**PROBLEM TO WORK ON:**
Give back each line of the material that contains the word "units".

**GIVEN RECORDS:**
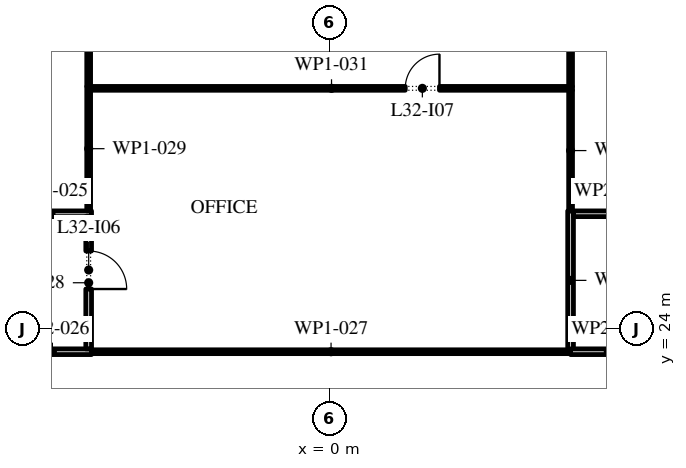
"""IFC4 building model, lengths in metres.
Left out: names, types, materials, properties, quantities, classifications, styles, units other than length and angle.
Written with IfcOpenShell. Run it as: python <this file> out.ifc"""

import sys

from ifc_helpers import new_model, si_unit, direction, frame, frame_2d, origin, place, context, subcontext, project, spatial, rectangle, extrude, element, fill, save


model = new_model("IFC4")
c1 = context("Model", 3, precision=1e-05, world=origin(), true_north=direction((0.0, 1.0)))
c2 = subcontext(c1, "Body", "Model", "MODEL_VIEW")
j1 = project(units=[si_unit("LENGTHUNIT", "METRE"), si_unit("PLANEANGLEUNIT", "RADIAN")], contexts=[c1])
p1 = place(None, origin())
s1 = spatial("IfcSite", under=j1, at=p1, CompositionType="ELEMENT")
p2 = place(p1, origin())
s2 = spatial("IfcBuilding", under=s1, at=p2, CompositionType="ELEMENT")
p3 = place(p2, frame((0.0, 0.0, 147.6)))
s3 = spatial("IfcBuildingStorey", under=s2, at=p3, CompositionType="ELEMENT", Elevation=147.6)
p4 = place(p3, frame((31.078, 28.421, 0.0), z_axis=(0.0, 0.0, 1.0), x_axis=(-0.974370456532, 0.224949357493, 0.0)))
e1 = element("IfcWall", 1, at=p4, inside=s3, PredefinedType="STANDARD", context=c2, shape_type="SweptSolid", body=[
    extrude(rectangle(XDim=51.0, YDim=0.3, at=frame_2d((25.5, 0.0))), origin(), (0.0, 0.0, 1.0), 4.0),
])
p5 = place(p4, frame((1.875, 0.0, 0.45)))
e2 = element("IfcOpeningElement", 2, at=p5, cuts=e1, PredefinedType="OPENING", context=c2, shape_type="SweptSolid", body=[
    extrude(rectangle(XDim=4.5, YDim=2.875, at=frame_2d((2.25, 1.438))), frame((0.0, 0.16, 0.0), z_axis=(0.0, -1.0, 0.0), x_axis=(1.0, 0.0, 0.0)), (0.0, 0.0, 1.0), 0.32),
])
p6 = place(p4, frame((10.275, 0.0, 0.45)))
e3 = element("IfcOpeningElement", 3, at=p6, cuts=e1, PredefinedType="OPENING", context=c2, shape_type="SweptSolid", body=[
    extrude(rectangle(XDim=4.5, YDim=2.75, at=frame_2d((2.25, 1.375))), frame((0.0, 0.16, 0.0), z_axis=(0.0, -1.0, 0.0), x_axis=(1.0, 0.0, 0.0)), (0.0, 0.0, 1.0), 0.32),
])
p7 = place(p4, frame((18.825, 0.0, 0.45)))
e4 = element("IfcOpeningElement", 4, at=p7, cuts=e1, PredefinedType="OPENING", context=c2, shape_type="SweptSolid", body=[
    extrude(rectangle(XDim=4.5, YDim=2.675, at=frame_2d((2.25, 1.337))), frame((0.0, 0.16, 0.0), z_axis=(0.0, -1.0, 0.0), x_axis=(1.0, 0.0, 0.0)), (0.0, 0.0, 1.0), 0.32),
])
p8 = place(p4, frame((28.425, 0.0, 0.0)))
e5 = element("IfcOpeningElement", 5, at=p8, cuts=e1, PredefinedType="OPENING", context=c2, shape_type="SweptSolid", body=[
    extrude(rectangle(XDim=2.4, YDim=3.025, at=frame_2d((1.2, 1.512))), frame((0.0, 0.16, 0.0), z_axis=(0.0, -1.0, 0.0), x_axis=(1.0, 0.0, 0.0)), (0.0, 0.0, 1.0), 0.32),
])
p9 = place(p4, frame((35.925, 0.0, 0.45)))
e6 = element("IfcOpeningElement", 6, at=p9, cuts=e1, PredefinedType="OPENING", context=c2, shape_type="SweptSolid", body=[
    extrude(rectangle(XDim=4.5, YDim=2.525, at=frame_2d((2.25, 1.262))), frame((0.0, 0.16, 0.0), z_axis=(0.0, -1.0, 0.0), x_axis=(1.0, 0.0, 0.0)), (0.0, 0.0, 1.0), 0.32),
])
p10 = place(p4, frame((44.475, 0.0, 0.45)))
e7 = element("IfcOpeningElement", 7, at=p10, cuts=e1, PredefinedType="OPENING", context=c2, shape_type="SweptSolid", body=[
    extrude(rectangle(XDim=4.5, YDim=2.45, at=frame_2d((2.25, 1.225))), frame((0.0, 0.16, 0.0), z_axis=(0.0, -1.0, 0.0), x_axis=(1.0, 0.0, 0.0)), (0.0, 0.0, 1.0), 0.32),
])
p11 = place(p3, frame((-8.4, 27.04, 0.0), z_axis=(0.0, 0.0, 1.0), x_axis=(1.0, 0.0, 0.0)))
e8 = element("IfcWall", 8, at=p11, inside=s3, PredefinedType="PARTITIONING", context=c2, shape_type="SweptSolid", body=[
    extrude(rectangle(XDim=2.135, YDim=0.15, at=frame_2d((1.067, 0.0))), origin(), (0.0, 0.0, 1.0), 4.0),
])
p12 = place(p3, frame((-6.265, 23.41, 0.0), z_axis=(0.0, 0.0, 1.0), x_axis=(-1.0, 0.0, 0.0)))
e9 = element("IfcWall", 9, at=p12, inside=s3, PredefinedType="PARTITIONING", context=c2, shape_type="SweptSolid", body=[
    extrude(rectangle(XDim=2.06, YDim=0.15, at=frame_2d((1.03, 0.0))), origin(), (0.0, 0.0, 1.0), 4.0),
])
p13 = place(p3, frame((-6.265, 23.41, 0.0), z_axis=(0.0, 0.0, 1.0), x_axis=(1.0, 0.0, 0.0)))
e10 = element("IfcWall", 10, at=p13, inside=s3, PredefinedType="PARTITIONING", context=c2, shape_type="SweptSolid", body=[
    extrude(rectangle(XDim=12.605, YDim=0.1, at=frame_2d((6.302, 0.0))), origin(), (0.0, 0.0, 1.0), 4.0),
])
p14 = place(p3, frame((-6.34, 26.965, 0.0), z_axis=(0.0, 0.0, 1.0), x_axis=(0.0, -1.0, 0.0)))
e11 = element("IfcWall", 11, at=p14, inside=s3, PredefinedType="PARTITIONING", context=c2, shape_type="SweptSolid", body=[
    extrude(rectangle(XDim=3.48, YDim=0.15, at=frame_2d((1.74, 0.0))), origin(), (0.0, 0.0, 1.0), 4.0),
])
p15 = place(p14, frame((0.905, 0.0, 0.0)))
e12 = element("IfcOpeningElement", 12, at=p15, cuts=e11, PredefinedType="OPENING", context=c2, shape_type="SweptSolid", body=[
    extrude(rectangle(XDim=1.0, YDim=2.1, at=frame_2d((0.5, 1.05))), frame((0.0, 0.085, 0.0), z_axis=(0.0, -1.0, 0.0), x_axis=(1.0, 0.0, 0.0)), (0.0, 0.0, 1.0), 0.17),
])
p16 = place(p3, frame((-6.34, 27.115, 0.0), z_axis=(0.0, 0.0, 1.0), x_axis=(0.0, 1.0, 0.0)))
e13 = element("IfcWall", 13, at=p16, inside=s3, PredefinedType="PARTITIONING", context=c2, shape_type="SweptSolid", body=[
    extrude(rectangle(XDim=3.275, YDim=0.1, at=frame_2d((1.637, 0.0))), origin(), (0.0, 0.0, 1.0), 4.0),
])
p17 = place(p3, frame((-6.34, 30.39, 0.0), z_axis=(0.0, 0.0, 1.0), x_axis=(0.0, 1.0, 0.0)))
e14 = element("IfcWall", 14, at=p17, inside=s3, PredefinedType="PARTITIONING", context=c2, shape_type="SweptSolid", body=[
    extrude(rectangle(XDim=3.06, YDim=0.1, at=frame_2d((1.53, 0.0))), origin(), (0.0, 0.0, 1.0), 4.0),
])
p18 = place(p3, frame((-6.29, 30.34, 0.0), z_axis=(0.0, 0.0, 1.0), x_axis=(1.0, 0.0, 0.0)))
e15 = element("IfcWall", 15, at=p18, inside=s3, PredefinedType="PARTITIONING", context=c2, shape_type="SweptSolid", body=[
    extrude(rectangle(XDim=12.68, YDim=0.1, at=frame_2d((6.34, 0.0))), origin(), (0.0, 0.0, 1.0), 4.0),
])
p19 = place(p18, frame((8.28, 0.0, 0.0)))
e16 = element("IfcOpeningElement", 16, at=p19, cuts=e15, PredefinedType="OPENING", context=c2, shape_type="SweptSolid", body=[
    extrude(rectangle(XDim=0.9, YDim=2.1, at=frame_2d((0.45, 1.05))), frame((0.0, 0.06, 0.0), z_axis=(0.0, -1.0, 0.0), x_axis=(1.0, 0.0, 0.0)), (0.0, 0.0, 1.0), 0.12),
])
p20 = place(p3, frame((6.34, 23.46, 0.0), z_axis=(0.0, 0.0, 1.0), x_axis=(0.0, 1.0, 0.0)))
e17 = element("IfcWall", 17, at=p20, inside=s3, PredefinedType="PARTITIONING", context=c2, shape_type="SweptSolid", body=[
    extrude(rectangle(XDim=3.655, YDim=0.15, at=frame_2d((1.828, 0.0))), origin(), (0.0, 0.0, 1.0), 4.0),
])
p21 = place(p3, frame((6.34, 27.115, 0.0), z_axis=(0.0, 0.0, 1.0), x_axis=(0.0, 1.0, 0.0)))
e18 = element("IfcWall", 18, at=p21, inside=s3, PredefinedType="PARTITIONING", context=c2, shape_type="SweptSolid", body=[
    extrude(rectangle(XDim=3.175, YDim=0.1, at=frame_2d((1.587, 0.0))), origin(), (0.0, 0.0, 1.0), 4.0),
])
p22 = place(p3, frame((6.415, 27.04, 0.0), z_axis=(0.0, 0.0, 1.0), x_axis=(1.0, 0.0, 0.0)))
e19 = element("IfcWall", 19, at=p22, inside=s3, PredefinedType="PARTITIONING", context=c2, shape_type="SweptSolid", body=[
    extrude(rectangle(XDim=1.985, YDim=0.15, at=frame_2d((0.992, 0.0))), origin(), (0.0, 0.0, 1.0), 4.0),
])
p23 = place(p3, frame((6.34, 30.39, 0.0), z_axis=(0.0, 0.0, 1.0), x_axis=(0.0, 1.0, 0.0)))
e20 = element("IfcWall", 20, at=p23, inside=s3, PredefinedType="PARTITIONING", context=c2, shape_type="SweptSolid", body=[
    extrude(rectangle(XDim=3.671, YDim=0.1, at=frame_2d((1.835, 0.0))), origin(), (0.0, 0.0, 1.0), 4.0),
])
p24 = place(p3, frame((8.325, 23.41, 0.0), z_axis=(0.0, 0.0, 1.0), x_axis=(-1.0, 0.0, 0.0)))
e21 = element("IfcWall", 21, at=p24, inside=s3, PredefinedType="PARTITIONING", context=c2, shape_type="SweptSolid", body=[
    extrude(rectangle(XDim=1.985, YDim=0.15, at=frame_2d((0.992, 0.0))), origin(), (0.0, 0.0, 1.0), 4.0),
])
p25 = place(p15, origin())
e22 = element("IfcDoor", 22, at=p25, inside=s3, OperationType="SINGLE_SWING_LEFT", PredefinedType="DOOR", context=c2, shape_type="SweptSolid", body=[
    extrude(rectangle(XDim=1.0, YDim=2.1, at=frame_2d((0.5, 1.05))), frame((0.0, 0.025, 0.0), z_axis=(0.0, -1.0, 0.0), x_axis=(1.0, 0.0, 0.0)), (0.0, 0.0, 1.0), 0.05),
])
fill(e12, e22)
p26 = place(p19, origin())
e23 = element("IfcDoor", 23, at=p26, inside=s3, OperationType="SINGLE_SWING_LEFT", PredefinedType="DOOR", context=c2, shape_type="SweptSolid", body=[
    extrude(rectangle(XDim=0.9, YDim=2.1, at=frame_2d((0.45, 1.05))), frame((0.0, 0.025, 0.0), z_axis=(0.0, -1.0, 0.0), x_axis=(1.0, 0.0, 0.0)), (0.0, 0.0, 1.0), 0.05),
])
fill(e16, e23)
save(model, sys.argv[1])

**TASK ANSWER:**
Left out: names, types, materials, properties, quantities, classifications, styles, units other than length and angle.
j1 = project(units=[si_unit("LENGTHUNIT", "METRE"), si_unit("PLANEANGLEUNIT", "RADIAN")], contexts=[c1])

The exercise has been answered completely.